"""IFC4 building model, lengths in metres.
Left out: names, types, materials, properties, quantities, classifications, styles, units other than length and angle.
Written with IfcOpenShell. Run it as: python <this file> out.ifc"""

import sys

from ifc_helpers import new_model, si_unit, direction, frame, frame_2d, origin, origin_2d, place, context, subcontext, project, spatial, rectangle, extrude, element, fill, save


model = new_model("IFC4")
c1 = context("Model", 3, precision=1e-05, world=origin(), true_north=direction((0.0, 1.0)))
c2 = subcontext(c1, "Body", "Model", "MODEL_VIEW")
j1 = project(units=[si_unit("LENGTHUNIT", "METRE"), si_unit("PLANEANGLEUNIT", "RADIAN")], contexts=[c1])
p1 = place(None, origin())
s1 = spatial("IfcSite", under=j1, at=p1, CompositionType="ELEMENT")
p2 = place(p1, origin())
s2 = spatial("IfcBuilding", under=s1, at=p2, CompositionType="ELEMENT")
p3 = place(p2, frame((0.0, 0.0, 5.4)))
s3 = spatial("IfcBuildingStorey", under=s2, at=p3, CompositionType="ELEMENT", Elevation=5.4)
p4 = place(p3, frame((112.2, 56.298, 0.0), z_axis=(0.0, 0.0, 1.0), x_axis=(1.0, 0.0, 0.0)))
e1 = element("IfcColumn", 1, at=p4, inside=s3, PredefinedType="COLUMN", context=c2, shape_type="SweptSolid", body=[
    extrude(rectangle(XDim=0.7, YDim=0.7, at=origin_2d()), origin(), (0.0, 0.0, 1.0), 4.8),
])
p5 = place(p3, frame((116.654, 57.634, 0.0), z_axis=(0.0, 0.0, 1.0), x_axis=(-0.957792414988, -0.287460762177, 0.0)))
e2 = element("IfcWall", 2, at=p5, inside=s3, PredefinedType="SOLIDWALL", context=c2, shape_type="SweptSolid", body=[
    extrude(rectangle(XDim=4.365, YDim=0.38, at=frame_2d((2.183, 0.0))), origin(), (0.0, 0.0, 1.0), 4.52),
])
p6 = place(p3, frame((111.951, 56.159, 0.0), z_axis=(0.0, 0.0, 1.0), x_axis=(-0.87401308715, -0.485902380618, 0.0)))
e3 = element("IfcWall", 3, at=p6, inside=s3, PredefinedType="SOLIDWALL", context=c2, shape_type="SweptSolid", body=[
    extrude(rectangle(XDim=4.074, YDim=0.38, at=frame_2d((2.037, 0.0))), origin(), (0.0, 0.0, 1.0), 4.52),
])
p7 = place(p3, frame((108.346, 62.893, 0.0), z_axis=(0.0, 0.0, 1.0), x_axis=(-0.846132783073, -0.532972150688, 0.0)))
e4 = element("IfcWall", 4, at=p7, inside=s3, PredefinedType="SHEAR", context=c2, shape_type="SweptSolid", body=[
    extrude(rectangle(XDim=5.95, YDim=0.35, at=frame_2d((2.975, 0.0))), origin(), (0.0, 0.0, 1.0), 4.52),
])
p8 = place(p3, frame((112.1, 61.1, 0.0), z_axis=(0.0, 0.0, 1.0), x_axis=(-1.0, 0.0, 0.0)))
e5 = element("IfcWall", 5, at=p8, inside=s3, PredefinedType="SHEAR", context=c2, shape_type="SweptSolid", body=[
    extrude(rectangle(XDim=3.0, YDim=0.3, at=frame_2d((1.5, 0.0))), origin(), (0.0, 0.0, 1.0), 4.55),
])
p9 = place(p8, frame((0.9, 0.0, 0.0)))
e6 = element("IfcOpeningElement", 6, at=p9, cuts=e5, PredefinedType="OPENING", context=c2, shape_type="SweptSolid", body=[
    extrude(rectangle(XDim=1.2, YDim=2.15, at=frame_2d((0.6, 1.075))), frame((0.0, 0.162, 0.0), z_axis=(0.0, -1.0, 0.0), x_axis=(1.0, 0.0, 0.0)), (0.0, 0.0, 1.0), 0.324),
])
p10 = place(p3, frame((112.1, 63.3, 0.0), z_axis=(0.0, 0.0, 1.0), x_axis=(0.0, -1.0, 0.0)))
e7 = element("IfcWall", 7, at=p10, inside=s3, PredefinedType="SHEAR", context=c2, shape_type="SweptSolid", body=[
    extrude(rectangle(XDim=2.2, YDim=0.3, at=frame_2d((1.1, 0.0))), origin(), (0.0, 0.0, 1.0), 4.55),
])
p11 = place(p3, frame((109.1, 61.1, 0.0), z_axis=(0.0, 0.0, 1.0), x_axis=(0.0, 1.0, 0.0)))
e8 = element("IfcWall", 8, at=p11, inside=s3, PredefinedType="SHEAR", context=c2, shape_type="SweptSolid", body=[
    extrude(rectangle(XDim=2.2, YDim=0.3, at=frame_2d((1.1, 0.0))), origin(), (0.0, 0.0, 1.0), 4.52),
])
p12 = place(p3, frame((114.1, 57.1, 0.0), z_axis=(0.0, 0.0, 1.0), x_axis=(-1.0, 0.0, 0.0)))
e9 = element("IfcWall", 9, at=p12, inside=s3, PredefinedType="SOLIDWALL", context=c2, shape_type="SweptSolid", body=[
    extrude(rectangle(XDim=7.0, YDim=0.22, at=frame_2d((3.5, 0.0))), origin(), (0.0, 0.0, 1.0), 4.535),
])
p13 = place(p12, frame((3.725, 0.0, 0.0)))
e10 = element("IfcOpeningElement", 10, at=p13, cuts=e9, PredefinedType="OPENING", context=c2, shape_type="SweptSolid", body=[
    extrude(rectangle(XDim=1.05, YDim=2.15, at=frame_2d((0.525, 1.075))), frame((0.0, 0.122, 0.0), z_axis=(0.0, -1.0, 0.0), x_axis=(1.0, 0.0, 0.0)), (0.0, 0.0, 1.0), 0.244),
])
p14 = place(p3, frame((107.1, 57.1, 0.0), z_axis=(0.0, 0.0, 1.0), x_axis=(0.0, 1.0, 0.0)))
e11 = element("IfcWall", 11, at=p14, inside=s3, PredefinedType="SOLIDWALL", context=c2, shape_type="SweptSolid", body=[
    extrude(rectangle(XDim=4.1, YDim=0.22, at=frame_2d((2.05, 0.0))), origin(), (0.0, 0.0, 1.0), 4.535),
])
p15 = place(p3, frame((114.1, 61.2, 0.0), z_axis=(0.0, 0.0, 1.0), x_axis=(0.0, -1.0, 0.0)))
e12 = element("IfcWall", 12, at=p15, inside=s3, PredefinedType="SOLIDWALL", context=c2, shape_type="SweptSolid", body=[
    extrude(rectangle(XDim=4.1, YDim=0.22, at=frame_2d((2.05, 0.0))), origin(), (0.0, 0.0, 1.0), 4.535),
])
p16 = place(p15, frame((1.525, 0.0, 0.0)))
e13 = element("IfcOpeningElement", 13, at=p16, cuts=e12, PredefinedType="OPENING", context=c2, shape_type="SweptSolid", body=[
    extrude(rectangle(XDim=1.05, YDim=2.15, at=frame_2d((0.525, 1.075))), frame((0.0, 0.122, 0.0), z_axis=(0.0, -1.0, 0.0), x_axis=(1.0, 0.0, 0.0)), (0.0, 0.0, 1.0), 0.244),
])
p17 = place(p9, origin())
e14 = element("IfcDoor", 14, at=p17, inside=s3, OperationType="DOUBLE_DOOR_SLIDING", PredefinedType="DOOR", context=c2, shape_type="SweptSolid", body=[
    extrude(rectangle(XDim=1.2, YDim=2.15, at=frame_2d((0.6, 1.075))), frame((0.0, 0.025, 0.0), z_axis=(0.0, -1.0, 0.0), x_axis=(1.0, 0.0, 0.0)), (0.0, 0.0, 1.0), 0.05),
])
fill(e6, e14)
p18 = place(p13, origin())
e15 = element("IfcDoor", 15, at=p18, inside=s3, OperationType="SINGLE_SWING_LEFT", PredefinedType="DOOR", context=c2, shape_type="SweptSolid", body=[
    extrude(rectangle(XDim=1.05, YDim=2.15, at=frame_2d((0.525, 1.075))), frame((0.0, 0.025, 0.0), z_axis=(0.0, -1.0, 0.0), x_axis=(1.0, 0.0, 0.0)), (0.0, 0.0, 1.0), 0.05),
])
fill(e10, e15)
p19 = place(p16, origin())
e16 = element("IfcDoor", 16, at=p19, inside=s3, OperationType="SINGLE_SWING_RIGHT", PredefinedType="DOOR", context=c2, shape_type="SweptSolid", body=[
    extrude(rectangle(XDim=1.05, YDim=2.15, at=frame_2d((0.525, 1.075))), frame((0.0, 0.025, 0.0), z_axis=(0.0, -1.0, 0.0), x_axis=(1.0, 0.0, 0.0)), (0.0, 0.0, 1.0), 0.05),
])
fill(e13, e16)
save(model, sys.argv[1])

▸ WHAT THE TASK REQUIRES:
Copy every line of the material in which the word "IfcOpeningElement" occurs.

▸ OUTPUT OF THE TASK:
e6 = element("IfcOpeningElement", 6, at=p9, cuts=e5, PredefinedType="OPENING", context=c2, shape_type="SweptSolid", body=[
e10 = element("IfcOpeningElement", 10, at=p13, cuts=e9, PredefinedType="OPENING", context=c2, shape_type="SweptSolid", body=[
e13 = element("IfcOpeningElement", 13, at=p16, cuts=e12, PredefinedType="OPENING", context=c2, shape_type="SweptSolid", body=[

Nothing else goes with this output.